### Supplied data
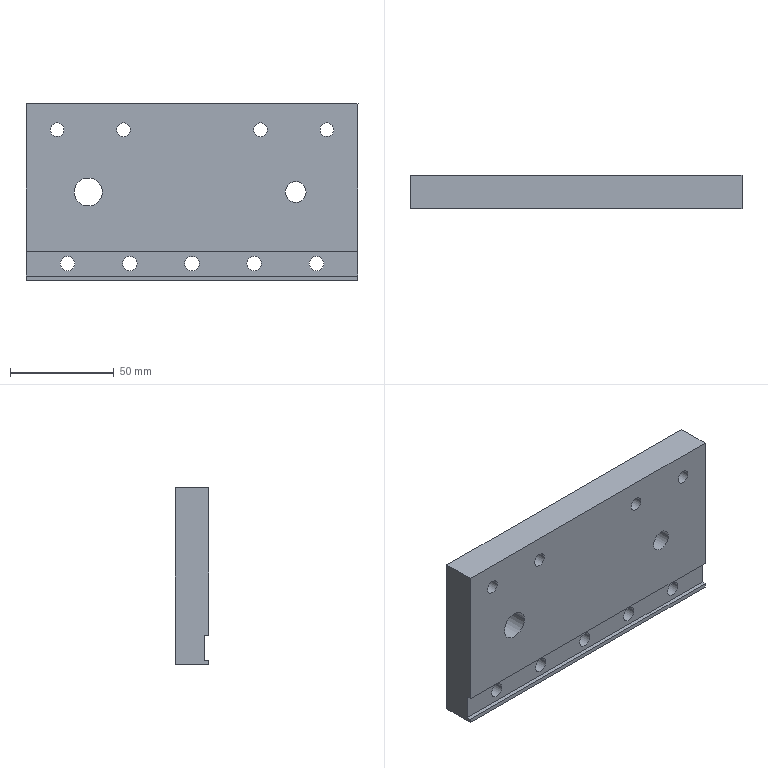Component | SolidWorks | BevelGearPlate1-2 | 1 solid | 44 faces | box 160 x 16 x 85 mm | volume 203859 mm3 | cylinder 30 | plane 14 | commonest cylinder face diameters 7 x10 11 x8 6.6 x8 13.532 x2 10 x2
build123d program:
from build123d import *

# Parameters (mm, degrees)
SKETCH1_W                                       = 160
SKETCH1_H                                       = 85
SKETCH1_R                                       = 5
SKETCH1_R_2                                     = 6.766
SKETCH1_R_3                                     = 3.5
EXTRUDE1_DEPTH                                  = 16
SKETCH2_W                                       = 160
SKETCH2_H                                       = 12
EXTRUDE2_DEPTH                                  = 2
M6_HEX_SOCKET_HEAD_CAP_SCREW_CBORE1_D           = 6.6
M6_HEX_SOCKET_HEAD_CAP_SCREW_CBORE1_CBORE_D     = 11
M6_HEX_SOCKET_HEAD_CAP_SCREW_CBORE1_CBORE_DEPTH = 6


with BuildPart() as part:
    # Sketch1 → Extrude1 (new body)
    with BuildSketch(Plane.XY):
        with Locations((17.215, -22.673)):
            Rectangle(SKETCH1_W, SKETCH1_H)
        with Locations((-32.785, -22.673)):
            Circle(SKETCH1_R, mode=Mode.SUBTRACT)
        with Locations((67.215, -22.673)):
            Circle(SKETCH1_R_2, mode=Mode.SUBTRACT)
        with Locations((17.215, 11.827)):
            Circle(SKETCH1_R_3, mode=Mode.SUBTRACT)
        with Locations((47.215, 11.827)):
            Circle(SKETCH1_R_3, mode=Mode.SUBTRACT)
        with Locations((77.215, 11.827)):
            Circle(SKETCH1_R_3, mode=Mode.SUBTRACT)
        with Locations((-12.785, 11.827)):
            Circle(SKETCH1_R_3, mode=Mode.SUBTRACT)
        with Locations((-42.785, 11.827)):
            Circle(SKETCH1_R_3, mode=Mode.SUBTRACT)
    extrude(amount=EXTRUDE1_DEPTH)

    # Sketch2 → Extrude2 (cut)
    with BuildSketch(Plane.XY.offset(16)):
        with Locations((17.215, 11.827)):
            Rectangle(SKETCH2_W, SKETCH2_H)
    extrude(amount=-EXTRUDE2_DEPTH, mode=Mode.SUBTRACT)

    # M6 Hex Socket Head Cap Screw CBORE1 (through all)
    with Locations(Plane(origin=(0, 0, 0), x_dir=(-1, 0, 0), z_dir=(0, 0, -1))):
        with Locations((47.785, -52.673), (15.785, -52.673), (-50.215, -52.673), (-82.215, -52.673)):
            CounterBoreHole(M6_HEX_SOCKET_HEAD_CAP_SCREW_CBORE1_D / 2, M6_HEX_SOCKET_HEAD_CAP_SCREW_CBORE1_CBORE_D / 2, M6_HEX_SOCKET_HEAD_CAP_SCREW_CBORE1_CBORE_DEPTH)


solid = part.part

# Placed as in the assembly
solid = solid.moved(Location((-175.406, 628.983, -132.389), (90, 0, -180)))

### Action item
When you retype the data above, match every line exactly and leave the pictures behind.

### Result for this exercise
Component | SolidWorks | BevelGearPlate1-2 | 1 solid | 44 faces | box 160 x 16 x 85 mm | volume 203859 mm3 | cylinder 30 | plane 14 | commonest cylinder face diameters 7 x10 11 x8 6.6 x8 13.532 x2 10 x2
build123d program:
from build123d import *

# Parameters (mm, degrees)
SKETCH1_W                                       = 160
SKETCH1_H                                       = 85
SKETCH1_R                                       = 5
SKETCH1_R_2                                     = 6.766
SKETCH1_R_3                                     = 3.5
EXTRUDE1_DEPTH                                  = 16
SKETCH2_W                                       = 160
SKETCH2_H                                       = 12
EXTRUDE2_DEPTH                                  = 2
M6_HEX_SOCKET_HEAD_CAP_SCREW_CBORE1_D           = 6.6
M6_HEX_SOCKET_HEAD_CAP_SCREW_CBORE1_CBORE_D     = 11
M6_HEX_SOCKET_HEAD_CAP_SCREW_CBORE1_CBORE_DEPTH = 6


with BuildPart() as part:
    # Sketch1 → Extrude1 (new body)
    with BuildSketch(Plane.XY):
        with Locations((17.215, -22.673)):
            Rectangle(SKETCH1_W, SKETCH1_H)
        with Locations((-32.785, -22.673)):
            Circle(SKETCH1_R, mode=Mode.SUBTRACT)
        with Locations((67.215, -22.673)):
            Circle(SKETCH1_R_2, mode=Mode.SUBTRACT)
        with Locations((17.215, 11.827)):
            Circle(SKETCH1_R_3, mode=Mode.SUBTRACT)
        with Locations((47.215, 11.827)):
            Circle(SKETCH1_R_3, mode=Mode.SUBTRACT)
        with Locations((77.215, 11.827)):
            Circle(SKETCH1_R_3, mode=Mode.SUBTRACT)
        with Locations((-12.785, 11.827)):
            Circle(SKETCH1_R_3, mode=Mode.SUBTRACT)
        with Locations((-42.785, 11.827)):
            Circle(SKETCH1_R_3, mode=Mode.SUBTRACT)
    extrude(amount=EXTRUDE1_DEPTH)

    # Sketch2 → Extrude2 (cut)
    with BuildSketch(Plane.XY.offset(16)):
        with Locations((17.215, 11.827)):
            Rectangle(SKETCH2_W, SKETCH2_H)
    extrude(amount=-EXTRUDE2_DEPTH, mode=Mode.SUBTRACT)

    # M6 Hex Socket Head Cap Screw CBORE1 (through all)
    with Locations(Plane(origin=(0, 0, 0), x_dir=(-1, 0, 0), z_dir=(0, 0, -1))):
        with Locations((47.785, -52.673), (15.785, -52.673), (-50.215, -52.673), (-82.215, -52.673)):
            CounterBoreHole(M6_HEX_SOCKET_HEAD_CAP_SCREW_CBORE1_D / 2, M6_HEX_SOCKET_HEAD_CAP_SCREW_CBORE1_CBORE_D / 2, M6_HEX_SOCKET_HEAD_CAP_SCREW_CBORE1_CBORE_DEPTH)


solid = part.part

# Placed as in the assembly
solid = solid.moved(Location((-175.406, 628.983, -132.389), (90, 0, -180)))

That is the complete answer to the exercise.